INSTRUCTIONS FOR THE TASK:
The lines to reproduce run from the one containing "fill(e36, e53)" through the end of the records below. Reproduce them exactly and add nothing.

DATA FOR PROCESSING Start Marker

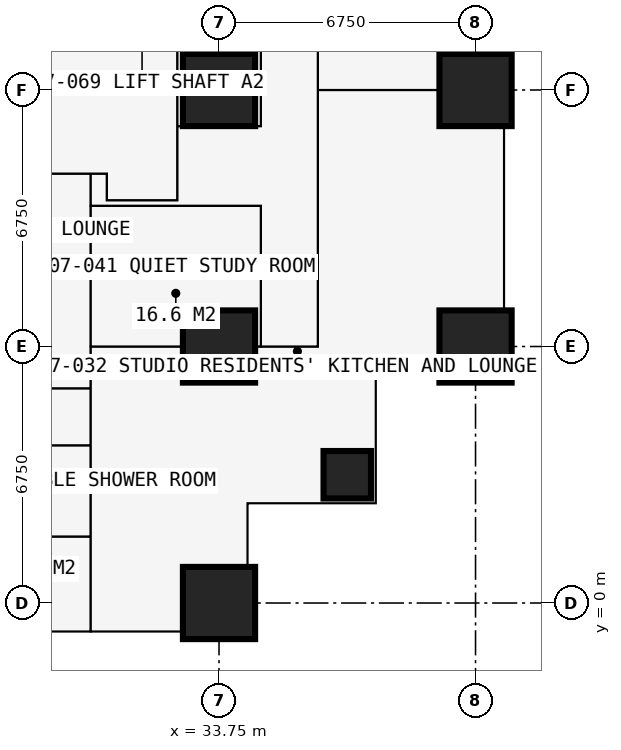
"""IFC4 building model, lengths in metres.
Left out: names, types, materials, properties, quantities, classifications, styles, units other than length and angle.
Written with IfcOpenShell. Run it as: python <this file> out.ifc"""

import sys

from ifc_helpers import new_model, si_unit, direction, frame, frame_2d, origin, origin_2d, place, context, subcontext, project, spatial, rectangle, extrude, element, fill, save


model = new_model("IFC4")
c1 = context("Model", 3, precision=1e-05, world=origin(), true_north=direction((0.0, 1.0)))
c2 = subcontext(c1, "Body", "Model", "MODEL_VIEW")
j1 = project(units=[si_unit("LENGTHUNIT", "METRE"), si_unit("PLANEANGLEUNIT", "RADIAN")], contexts=[c1])
p1 = place(None, origin())
s1 = spatial("IfcSite", under=j1, at=p1, CompositionType="ELEMENT")
p2 = place(p1, origin())
s2 = spatial("IfcBuilding", under=s1, at=p2, CompositionType="ELEMENT")
p3 = place(p2, frame((0.0, 0.0, 28.8)))
s3 = spatial("IfcBuildingStorey", under=s2, at=p3, CompositionType="ELEMENT", Elevation=28.8)
for number, where, z_axis, x_axis in (
    (1, (33.75, 0.0, 0.0), (0.0, 0.0, 1.0), (1.0, 0.0, 0.0)),
    (2, (33.75, 6.75, 0.0), (0.0, 0.0, 1.0), (1.0, 0.0, 0.0)),
    (3, (33.75, 13.5, 0.0), (0.0, 0.0, 1.0), (1.0, 0.0, 0.0)),
):
    element("IfcColumn", number, at=place(p3, frame(where, z_axis=z_axis, x_axis=x_axis)), inside=s3, PredefinedType="COLUMN", context=c2, shape_type="SweptSolid", body=[
        extrude(rectangle(XDim=1.9, YDim=1.9, at=origin_2d()), origin(), (0.0, 0.0, 1.0), 3.6),
    ])
p4 = place(p3, frame((37.125, 3.375, 0.0), z_axis=(0.0, 0.0, 1.0), x_axis=(1.0, 0.0, 0.0)))
e4 = element("IfcColumn", 4, at=p4, inside=s3, PredefinedType="COLUMN", context=c2, shape_type="SweptSolid", body=[
    extrude(rectangle(XDim=1.25, YDim=1.25, at=origin_2d()), origin(), (0.0, 0.0, 1.0), 3.6),
])
for number, where, z_axis, x_axis in (
    (5, (40.5, 6.75, 0.0), (0.0, 0.0, 1.0), (1.0, 0.0, 0.0)),
    (6, (40.5, 13.5, 0.0), (0.0, 0.0, 1.0), (1.0, 0.0, 0.0)),
):
    element("IfcColumn", number, at=place(p3, frame(where, z_axis=z_axis, x_axis=x_axis)), inside=s3, PredefinedType="COLUMN", context=c2, shape_type="SweptSolid", body=[
        extrude(rectangle(XDim=1.9, YDim=1.9, at=origin_2d()), origin(), (0.0, 0.0, 1.0), 3.6),
    ])
p5 = place(p3, frame((34.5, -0.75, 0.0), z_axis=(0.0, 0.0, 1.0), x_axis=(0.0, 1.0, 0.0)))
e7 = element("IfcWall", 7, at=p5, inside=s3, PredefinedType="SOLIDWALL", context=c2, shape_type="SweptSolid", body=[
    extrude(rectangle(XDim=3.375, YDim=0.3, at=frame_2d((1.688, 0.0))), origin(), (0.0, 0.0, 1.0), 3.375),
])
p6 = place(p5, frame((1.857, 0.0, 0.9)))
e8 = element("IfcOpeningElement", 8, at=p6, cuts=e7, PredefinedType="OPENING", context=c2, shape_type="SweptSolid", body=[
    extrude(rectangle(XDim=1.2, YDim=1.8, at=frame_2d((0.6, 0.9))), frame((0.0, 0.16, 0.0), z_axis=(0.0, -1.0, 0.0), x_axis=(1.0, 0.0, 0.0)), (0.0, 0.0, 1.0), 0.32),
])
p7 = place(p3, frame((34.5, 2.625, 0.0), z_axis=(0.0, 0.0, 1.0), x_axis=(1.0, 0.0, 0.0)))
e9 = element("IfcWall", 9, at=p7, inside=s3, PredefinedType="SOLIDWALL", context=c2, shape_type="SweptSolid", body=[
    extrude(rectangle(XDim=3.375, YDim=0.3, at=frame_2d((1.688, 0.0))), origin(), (0.0, 0.0, 1.0), 3.375),
])
p8 = place(p7, frame((0.788, 0.0, 0.6)))
e10 = element("IfcOpeningElement", 10, at=p8, cuts=e9, PredefinedType="OPENING", context=c2, shape_type="SweptSolid", body=[
    extrude(rectangle(XDim=1.8, YDim=2.1, at=frame_2d((0.9, 1.05))), frame((0.0, 0.16, 0.0), z_axis=(0.0, -1.0, 0.0), x_axis=(1.0, 0.0, 0.0)), (0.0, 0.0, 1.0), 0.32),
])
p9 = place(p3, frame((37.875, 2.625, 0.0), z_axis=(0.0, 0.0, 1.0), x_axis=(0.0, 1.0, 0.0)))
e11 = element("IfcWall", 11, at=p9, inside=s3, PredefinedType="SOLIDWALL", context=c2, shape_type="SweptSolid", body=[
    extrude(rectangle(XDim=3.375, YDim=0.3, at=frame_2d((1.688, 0.0))), origin(), (0.0, 0.0, 1.0), 3.375),
])
p10 = place(p9, frame((0.788, 0.0, 0.6)))
e12 = element("IfcOpeningElement", 12, at=p10, cuts=e11, PredefinedType="OPENING", context=c2, shape_type="SweptSolid", body=[
    extrude(rectangle(XDim=1.8, YDim=2.1, at=frame_2d((0.9, 1.05))), frame((0.0, 0.16, 0.0), z_axis=(0.0, -1.0, 0.0), x_axis=(1.0, 0.0, 0.0)), (0.0, 0.0, 1.0), 0.32),
])
p11 = place(p3, frame((37.875, 6.0, 0.0), z_axis=(0.0, 0.0, 1.0), x_axis=(1.0, 0.0, 0.0)))
e13 = element("IfcWall", 13, at=p11, inside=s3, PredefinedType="SOLIDWALL", context=c2, shape_type="SweptSolid", body=[
    extrude(rectangle(XDim=3.375, YDim=0.3, at=frame_2d((1.688, 0.0))), origin(), (0.0, 0.0, 1.0), 3.375),
])
p12 = place(p11, frame((0.317, 0.0, 0.9)))
e14 = element("IfcOpeningElement", 14, at=p12, cuts=e13, PredefinedType="OPENING", context=c2, shape_type="SweptSolid", body=[
    extrude(rectangle(XDim=1.2, YDim=1.8, at=frame_2d((0.6, 0.9))), frame((0.0, 0.16, 0.0), z_axis=(0.0, -1.0, 0.0), x_axis=(1.0, 0.0, 0.0)), (0.0, 0.0, 1.0), 0.32),
])
p13 = place(p3, frame((6.75, 4.15, 0.0), z_axis=(0.0, 0.0, 1.0), x_axis=(1.0, 0.0, 0.0)))
e15 = element("IfcWall", 15, at=p13, inside=s3, PredefinedType="PARTITIONING", context=c2, shape_type="SweptSolid", body=[
    extrude(rectangle(XDim=23.625, YDim=0.15, at=frame_2d((11.812, 0.0))), origin(), (0.0, 0.0, 1.0), 3.375),
])
p14 = place(p13, frame((0.2, 0.0, 0.0)))
e16 = element("IfcOpeningElement", 16, at=p14, cuts=e15, PredefinedType="OPENING", context=c2, shape_type="SweptSolid", body=[
    extrude(rectangle(XDim=0.95, YDim=2.2, at=frame_2d((0.475, 1.1))), frame((0.0, 0.085, 0.0), z_axis=(0.0, -1.0, 0.0), x_axis=(1.0, 0.0, 0.0)), (0.0, 0.0, 1.0), 0.17),
])
p15 = place(p13, frame((3.625, 0.0, 0.0)))
e17 = element("IfcOpeningElement", 17, at=p15, cuts=e15, PredefinedType="OPENING", context=c2, shape_type="SweptSolid", body=[
    extrude(rectangle(XDim=0.95, YDim=2.2, at=frame_2d((0.475, 1.1))), frame((0.0, 0.085, 0.0), z_axis=(0.0, -1.0, 0.0), x_axis=(1.0, 0.0, 0.0)), (0.0, 0.0, 1.0), 0.17),
])
p16 = place(p13, frame((18.475, 0.0, 0.0)))
e18 = element("IfcOpeningElement", 18, at=p16, cuts=e15, PredefinedType="OPENING", context=c2, shape_type="SweptSolid", body=[
    extrude(rectangle(XDim=0.95, YDim=2.2, at=frame_2d((0.475, 1.1))), frame((0.0, 0.085, 0.0), z_axis=(0.0, -1.0, 0.0), x_axis=(1.0, 0.0, 0.0)), (0.0, 0.0, 1.0), 0.17),
])
p17 = place(p13, frame((11.725, 0.0, 0.0)))
e19 = element("IfcOpeningElement", 19, at=p17, cuts=e15, PredefinedType="OPENING", context=c2, shape_type="SweptSolid", body=[
    extrude(rectangle(XDim=0.95, YDim=2.2, at=frame_2d((0.475, 1.1))), frame((0.0, 0.085, 0.0), z_axis=(0.0, -1.0, 0.0), x_axis=(1.0, 0.0, 0.0)), (0.0, 0.0, 1.0), 0.17),
])
p18 = place(p13, frame((6.95, 0.0, 0.0)))
e20 = element("IfcOpeningElement", 20, at=p18, cuts=e15, PredefinedType="OPENING", context=c2, shape_type="SweptSolid", body=[
    extrude(rectangle(XDim=0.95, YDim=2.2, at=frame_2d((0.475, 1.1))), frame((0.0, 0.085, 0.0), z_axis=(0.0, -1.0, 0.0), x_axis=(1.0, 0.0, 0.0)), (0.0, 0.0, 1.0), 0.17),
])
p19 = place(p3, frame((10.125, 11.3, 0.0), z_axis=(0.0, 0.0, 1.0), x_axis=(1.0, 0.0, 0.0)))
e21 = element("IfcWall", 21, at=p19, inside=s3, PredefinedType="PARTITIONING", context=c2, shape_type="SweptSolid", body=[
    extrude(rectangle(XDim=20.675, YDim=0.15, at=frame_2d((10.337, 0.0))), origin(), (0.0, 0.0, 1.0), 3.375),
])
p20 = place(p19, frame((1.775, 0.0, 0.0)))
e22 = element("IfcOpeningElement", 22, at=p20, cuts=e21, PredefinedType="OPENING", context=c2, shape_type="SweptSolid", body=[
    extrude(rectangle(XDim=1.0, YDim=2.2, at=frame_2d((0.5, 1.1))), frame((0.0, 0.085, 0.0), z_axis=(0.0, -1.0, 0.0), x_axis=(1.0, 0.0, 0.0)), (0.0, 0.0, 1.0), 0.17),
])
p21 = place(p19, frame((11.312, 0.0, 0.0)))
e23 = element("IfcOpeningElement", 23, at=p21, cuts=e21, PredefinedType="OPENING", context=c2, shape_type="SweptSolid", body=[
    extrude(rectangle(XDim=1.0, YDim=2.2, at=frame_2d((0.5, 1.1))), frame((0.0, 0.085, 0.0), z_axis=(0.0, -1.0, 0.0), x_axis=(1.0, 0.0, 0.0)), (0.0, 0.0, 1.0), 0.17),
])
p22 = place(p3, frame((22.988, 5.65, 0.0), z_axis=(0.0, 0.0, 1.0), x_axis=(1.0, 0.0, 0.0)))
e24 = element("IfcWall", 24, at=p22, inside=s3, PredefinedType="PARTITIONING", context=c2, shape_type="SweptSolid", body=[
    extrude(rectangle(XDim=7.387, YDim=0.15, at=frame_2d((3.694, 0.0))), origin(), (0.0, 0.0, 1.0), 3.375),
])
p23 = place(p22, frame((2.1, 0.0, 0.0)))
e25 = element("IfcOpeningElement", 25, at=p23, cuts=e24, PredefinedType="OPENING", context=c2, shape_type="SweptSolid", body=[
    extrude(rectangle(XDim=0.95, YDim=2.2, at=frame_2d((0.475, 1.1))), frame((0.0, 0.085, 0.0), z_axis=(0.0, -1.0, 0.0), x_axis=(1.0, 0.0, 0.0)), (0.0, 0.0, 1.0), 0.17),
])
p24 = place(p3, frame((27.775, 1.75, 0.0), z_axis=(0.0, 0.0, 1.0), x_axis=(1.0, 0.0, 0.0)))
e26 = element("IfcWall", 26, at=p24, inside=s3, PredefinedType="PARTITIONING", context=c2, shape_type="SweptSolid", body=[
    extrude(rectangle(XDim=2.6, YDim=0.1, at=frame_2d((1.3, 0.0))), origin(), (0.0, 0.0, 1.0), 3.375),
])
p25 = place(p24, frame((0.85, 0.0, 0.0)))
e27 = element("IfcOpeningElement", 27, at=p25, cuts=e26, PredefinedType="OPENING", context=c2, shape_type="SweptSolid", body=[
    extrude(rectangle(XDim=0.9, YDim=2.2, at=frame_2d((0.45, 1.1))), frame((0.0, 0.06, 0.0), z_axis=(0.0, -1.0, 0.0), x_axis=(1.0, 0.0, 0.0)), (0.0, 0.0, 1.0), 0.12),
])
p26 = place(p3, frame((30.375, -0.734, 0.0), z_axis=(0.0, 0.0, 1.0), x_axis=(0.0, 1.0, 0.0)))
e28 = element("IfcWall", 28, at=p26, inside=s3, PredefinedType="PARTITIONING", context=c2, shape_type="SweptSolid", body=[
    extrude(rectangle(XDim=12.034, YDim=0.15, at=frame_2d((6.017, 0.0))), origin(), (0.0, 0.0, 1.0), 3.375),
])
p27 = place(p26, frame((5.134, 0.0, 0.0)))
e29 = element("IfcOpeningElement", 29, at=p27, cuts=e28, PredefinedType="OPENING", context=c2, shape_type="SweptSolid", body=[
    extrude(rectangle(XDim=1.0, YDim=2.2, at=frame_2d((0.5, 1.1))), frame((0.0, 0.085, 0.0), z_axis=(0.0, -1.0, 0.0), x_axis=(1.0, 0.0, 0.0)), (0.0, 0.0, 1.0), 0.17),
])
p28 = place(p3, frame((30.375, 6.75, 0.0), z_axis=(0.0, 0.0, 1.0), x_axis=(1.0, 0.0, 0.0)))
e30 = element("IfcWall", 30, at=p28, inside=s3, PredefinedType="PARTITIONING", context=c2, shape_type="SweptSolid", body=[
    extrude(rectangle(XDim=5.975, YDim=0.15, at=frame_2d((2.988, 0.0))), origin(), (0.0, 0.0, 1.0), 2.877),
])
p29 = place(p3, frame((30.375, 10.45, 0.0), z_axis=(0.0, 0.0, 1.0), x_axis=(1.0, 0.0, 0.0)))
e31 = element("IfcWall", 31, at=p29, inside=s3, PredefinedType="PARTITIONING", context=c2, shape_type="SweptSolid", body=[
    extrude(rectangle(XDim=4.475, YDim=0.15, at=frame_2d((2.238, 0.0))), origin(), (0.0, 0.0, 1.0), 3.375),
])
p30 = place(p29, frame((2.35, 0.0, 0.0)))
e32 = element("IfcOpeningElement", 32, at=p30, cuts=e31, PredefinedType="OPENING", context=c2, shape_type="SweptSolid", body=[
    extrude(rectangle(XDim=0.95, YDim=2.2, at=frame_2d((0.475, 1.1))), frame((0.0, 0.085, 0.0), z_axis=(0.0, -1.0, 0.0), x_axis=(1.0, 0.0, 0.0)), (0.0, 0.0, 1.0), 0.17),
])
p31 = place(p3, frame((30.8, 10.6, 0.0), z_axis=(0.0, 0.0, 1.0), x_axis=(0.0, 1.0, 0.0)))
e33 = element("IfcWall", 33, at=p31, inside=s3, PredefinedType="PARTITIONING", context=c2, shape_type="SweptSolid", body=[
    extrude(rectangle(XDim=0.7, YDim=0.15, at=frame_2d((0.35, 0.0))), origin(), (0.0, 0.0, 1.0), 3.375),
])
p32 = place(p3, frame((30.8, 10.6, 0.0), z_axis=(0.0, 0.0, 1.0), x_axis=(1.0, 0.0, 0.0)))
e34 = element("IfcWall", 34, at=p32, inside=s3, PredefinedType="PARTITIONING", context=c2, shape_type="SweptSolid", body=[
    extrude(rectangle(XDim=1.85, YDim=0.15, at=frame_2d((0.925, 0.0))), origin(), (0.0, 0.0, 1.0), 3.375),
])
p33 = place(p3, frame((32.65, 10.6, 0.0), z_axis=(0.0, 0.0, 1.0), x_axis=(0.0, 1.0, 0.0)))
e35 = element("IfcWall", 35, at=p33, inside=s3, PredefinedType="SHEAR", context=c2, shape_type="SweptSolid", body=[
    extrude(rectangle(XDim=9.3, YDim=0.1, at=frame_2d((4.65, 0.0))), origin(), (0.0, 0.0, 1.0), 3.375),
])
p34 = place(p33, frame((0.5, 0.0, 0.0)))
e36 = element("IfcOpeningElement", 36, at=p34, cuts=e35, PredefinedType="OPENING", context=c2, shape_type="SweptSolid", body=[
    extrude(rectangle(XDim=1.0, YDim=2.2, at=frame_2d((0.5, 1.1))), frame((0.0, 0.06, 0.0), z_axis=(0.0, -1.0, 0.0), x_axis=(1.0, 0.0, 0.0)), (0.0, 0.0, 1.0), 0.12),
])
p35 = place(p3, frame((32.65, 12.55, 0.0), z_axis=(0.0, 0.0, 1.0), x_axis=(1.0, 0.0, 0.0)))
e37 = element("IfcWall", 37, at=p35, inside=s3, PredefinedType="PARTITIONING", context=c2, shape_type="SweptSolid", body=[
    extrude(rectangle(XDim=2.2, YDim=0.15, at=frame_2d((1.1, 0.0))), origin(), (0.0, 0.0, 1.0), 3.375),
])
p36 = place(p3, frame((34.85, 6.75, 0.0), z_axis=(0.0, 0.0, 1.0), x_axis=(0.0, 1.0, 0.0)))
e38 = element("IfcWall", 38, at=p36, inside=s3, PredefinedType="PARTITIONING", context=c2, shape_type="SweptSolid", body=[
    extrude(rectangle(XDim=3.7, YDim=0.15, at=frame_2d((1.85, 0.0))), origin(), (0.0, 0.0, 1.0), 3.375),
])
p37 = place(p3, frame((34.85, 12.55, 0.0), z_axis=(0.0, 0.0, 1.0), x_axis=(0.0, 1.0, 0.0)))
e39 = element("IfcWall", 39, at=p37, inside=s3, PredefinedType="PARTITIONING", context=c2, shape_type="SweptSolid", body=[
    extrude(rectangle(XDim=17.825, YDim=0.15, at=frame_2d((8.913, 0.0))), origin(), (0.0, 0.0, 1.0), 3.375),
])
p38 = place(p37, frame((8.65, 0.0, 0.0)))
e40 = element("IfcOpeningElement", 40, at=p38, cuts=e39, PredefinedType="OPENING", context=c2, shape_type="SweptSolid", body=[
    extrude(rectangle(XDim=0.95, YDim=2.2, at=frame_2d((0.475, 1.1))), frame((0.0, 0.085, 0.0), z_axis=(0.0, -1.0, 0.0), x_axis=(1.0, 0.0, 0.0)), (0.0, 0.0, 1.0), 0.17),
])
p39 = place(p3, frame((36.35, 6.75, 0.0), z_axis=(0.0, 0.0, 1.0), x_axis=(0.0, 1.0, 0.0)))
e41 = element("IfcWall", 41, at=p39, inside=s3, PredefinedType="PARTITIONING", context=c2, shape_type="SweptSolid", body=[
    extrude(rectangle(XDim=23.625, YDim=0.15, at=frame_2d((11.812, 0.0))), origin(), (0.0, 0.0, 1.0), 3.375),
])
p40 = place(p39, frame((18.475, 0.0, 0.0)))
e42 = element("IfcOpeningElement", 42, at=p40, cuts=e41, PredefinedType="OPENING", context=c2, shape_type="SweptSolid", body=[
    extrude(rectangle(XDim=0.95, YDim=2.2, at=frame_2d((0.475, 1.1))), frame((0.0, 0.085, 0.0), z_axis=(0.0, -1.0, 0.0), x_axis=(1.0, 0.0, 0.0)), (0.0, 0.0, 1.0), 0.17),
])
p41 = place(p39, frame((11.725, 0.0, 0.0)))
e43 = element("IfcOpeningElement", 43, at=p41, cuts=e41, PredefinedType="OPENING", context=c2, shape_type="SweptSolid", body=[
    extrude(rectangle(XDim=0.95, YDim=2.2, at=frame_2d((0.475, 1.1))), frame((0.0, 0.085, 0.0), z_axis=(0.0, -1.0, 0.0), x_axis=(1.0, 0.0, 0.0)), (0.0, 0.0, 1.0), 0.17),
])
p42 = place(p39, frame((6.95, 0.0, 0.0)))
e44 = element("IfcOpeningElement", 44, at=p42, cuts=e41, PredefinedType="OPENING", context=c2, shape_type="SweptSolid", body=[
    extrude(rectangle(XDim=0.95, YDim=2.2, at=frame_2d((0.475, 1.1))), frame((0.0, 0.085, 0.0), z_axis=(0.0, -1.0, 0.0), x_axis=(1.0, 0.0, 0.0)), (0.0, 0.0, 1.0), 0.17),
])
p43 = place(p3, frame((36.35, 13.5, 0.0), z_axis=(0.0, 0.0, 1.0), x_axis=(1.0, 0.0, 0.0)))
e45 = element("IfcWall", 45, at=p43, inside=s3, PredefinedType="PARTITIONING", context=c2, shape_type="SweptSolid", body=[
    extrude(rectangle(XDim=4.884, YDim=0.15, at=frame_2d((2.442, 0.0))), origin(), (0.0, 0.0, 1.0), 2.61),
])
p44 = place(p6, origin())
e46 = element("IfcWindow", 46, at=p44, inside=s3, PartitioningType="SINGLE_PANEL", PredefinedType="WINDOW", context=c2, shape_type="SweptSolid", body=[
    extrude(rectangle(XDim=1.2, YDim=1.8, at=frame_2d((0.6, 0.9))), frame((0.0, 0.03, 0.0), z_axis=(0.0, -1.0, 0.0), x_axis=(1.0, 0.0, 0.0)), (0.0, 0.0, 1.0), 0.06),
])
fill(e8, e46)
p45 = place(p8, origin())
e47 = element("IfcWindow", 47, at=p45, inside=s3, PartitioningType="SINGLE_PANEL", PredefinedType="WINDOW", context=c2, shape_type="SweptSolid", body=[
    extrude(rectangle(XDim=1.8, YDim=2.1, at=frame_2d((0.9, 1.05))), frame((0.0, 0.03, 0.0), z_axis=(0.0, -1.0, 0.0), x_axis=(1.0, 0.0, 0.0)), (0.0, 0.0, 1.0), 0.06),
])
fill(e10, e47)
p46 = place(p10, origin())
e48 = element("IfcWindow", 48, at=p46, inside=s3, PartitioningType="SINGLE_PANEL", PredefinedType="WINDOW", context=c2, shape_type="SweptSolid", body=[
    extrude(rectangle(XDim=1.8, YDim=2.1, at=frame_2d((0.9, 1.05))), frame((0.0, 0.03, 0.0), z_axis=(0.0, -1.0, 0.0), x_axis=(1.0, 0.0, 0.0)), (0.0, 0.0, 1.0), 0.06),
])
fill(e12, e48)
p47 = place(p12, origin())
e49 = element("IfcWindow", 49, at=p47, inside=s3, PartitioningType="SINGLE_PANEL", PredefinedType="WINDOW", context=c2, shape_type="SweptSolid", body=[
    extrude(rectangle(XDim=1.2, YDim=1.8, at=frame_2d((0.6, 0.9))), frame((0.0, 0.03, 0.0), z_axis=(0.0, -1.0, 0.0), x_axis=(1.0, 0.0, 0.0)), (0.0, 0.0, 1.0), 0.06),
])
fill(e14, e49)
p48 = place(p25, origin())
e50 = element("IfcDoor", 50, at=p48, inside=s3, OperationType="SINGLE_SWING_RIGHT", PredefinedType="DOOR", context=c2, shape_type="SweptSolid", body=[
    extrude(rectangle(XDim=0.9, YDim=2.2, at=frame_2d((0.45, 1.1))), frame((0.0, 0.025, 0.0), z_axis=(0.0, -1.0, 0.0), x_axis=(1.0, 0.0, 0.0)), (0.0, 0.0, 1.0), 0.05),
])
fill(e27, e50)
p49 = place(p27, origin())
e51 = element("IfcDoor", 51, at=p49, inside=s3, OperationType="SINGLE_SWING_LEFT", PredefinedType="DOOR", context=c2, shape_type="SweptSolid", body=[
    extrude(rectangle(XDim=1.0, YDim=2.2, at=frame_2d((0.5, 1.1))), frame((0.0, 0.025, 0.0), z_axis=(0.0, -1.0, 0.0), x_axis=(1.0, 0.0, 0.0)), (0.0, 0.0, 1.0), 0.05),
])
fill(e29, e51)
p50 = place(p42, origin())
e52 = element("IfcDoor", 52, at=p50, inside=s3, OperationType="SINGLE_SWING_LEFT", PredefinedType="DOOR", context=c2, shape_type="SweptSolid", body=[
    extrude(rectangle(XDim=0.95, YDim=2.2, at=frame_2d((0.475, 1.1))), frame((0.0, 0.025, 0.0), z_axis=(0.0, -1.0, 0.0), x_axis=(1.0, 0.0, 0.0)), (0.0, 0.0, 1.0), 0.05),
])
fill(e44, e52)
p51 = place(p34, origin())
e53 = element("IfcDoor", 53, at=p51, inside=s3, OperationType="SINGLE_SWING_LEFT", PredefinedType="DOOR", context=c2, shape_type="SweptSolid", body=[
    extrude(rectangle(XDim=1.0, YDim=2.2, at=frame_2d((0.5, 1.1))), frame((0.0, 0.025, 0.0), z_axis=(0.0, -1.0, 0.0), x_axis=(1.0, 0.0, 0.0)), (0.0, 0.0, 1.0), 0.05),
])
fill(e36, e53)
p52 = place(p30, origin())
e54 = element("IfcDoor", 54, at=p52, inside=s3, OperationType="SINGLE_SWING_LEFT", PredefinedType="DOOR", context=c2, shape_type="SweptSolid", body=[
    extrude(rectangle(XDim=0.95, YDim=2.2, at=frame_2d((0.475, 1.1))), frame((0.0, 0.025, 0.0), z_axis=(0.0, -1.0, 0.0), x_axis=(1.0, 0.0, 0.0)), (0.0, 0.0, 1.0), 0.05),
])
fill(e32, e54)
save(model, sys.argv[1])

DATA FOR PROCESSING End Marker

EXERCISE RESULT:
fill(e36, e53)
p52 = place(p30, origin())
e54 = element("IfcDoor", 54, at=p52, inside=s3, OperationType="SINGLE_SWING_LEFT", PredefinedType="DOOR", context=c2, shape_type="SweptSolid", body=[
    extrude(rectangle(XDim=0.95, YDim=2.2, at=frame_2d((0.475, 1.1))), frame((0.0, 0.025, 0.0), z_axis=(0.0, -1.0, 0.0), x_axis=(1.0, 0.0, 0.0)), (0.0, 0.0, 1.0), 0.05),
])
fill(e32, e54)
save(model, sys.argv[1])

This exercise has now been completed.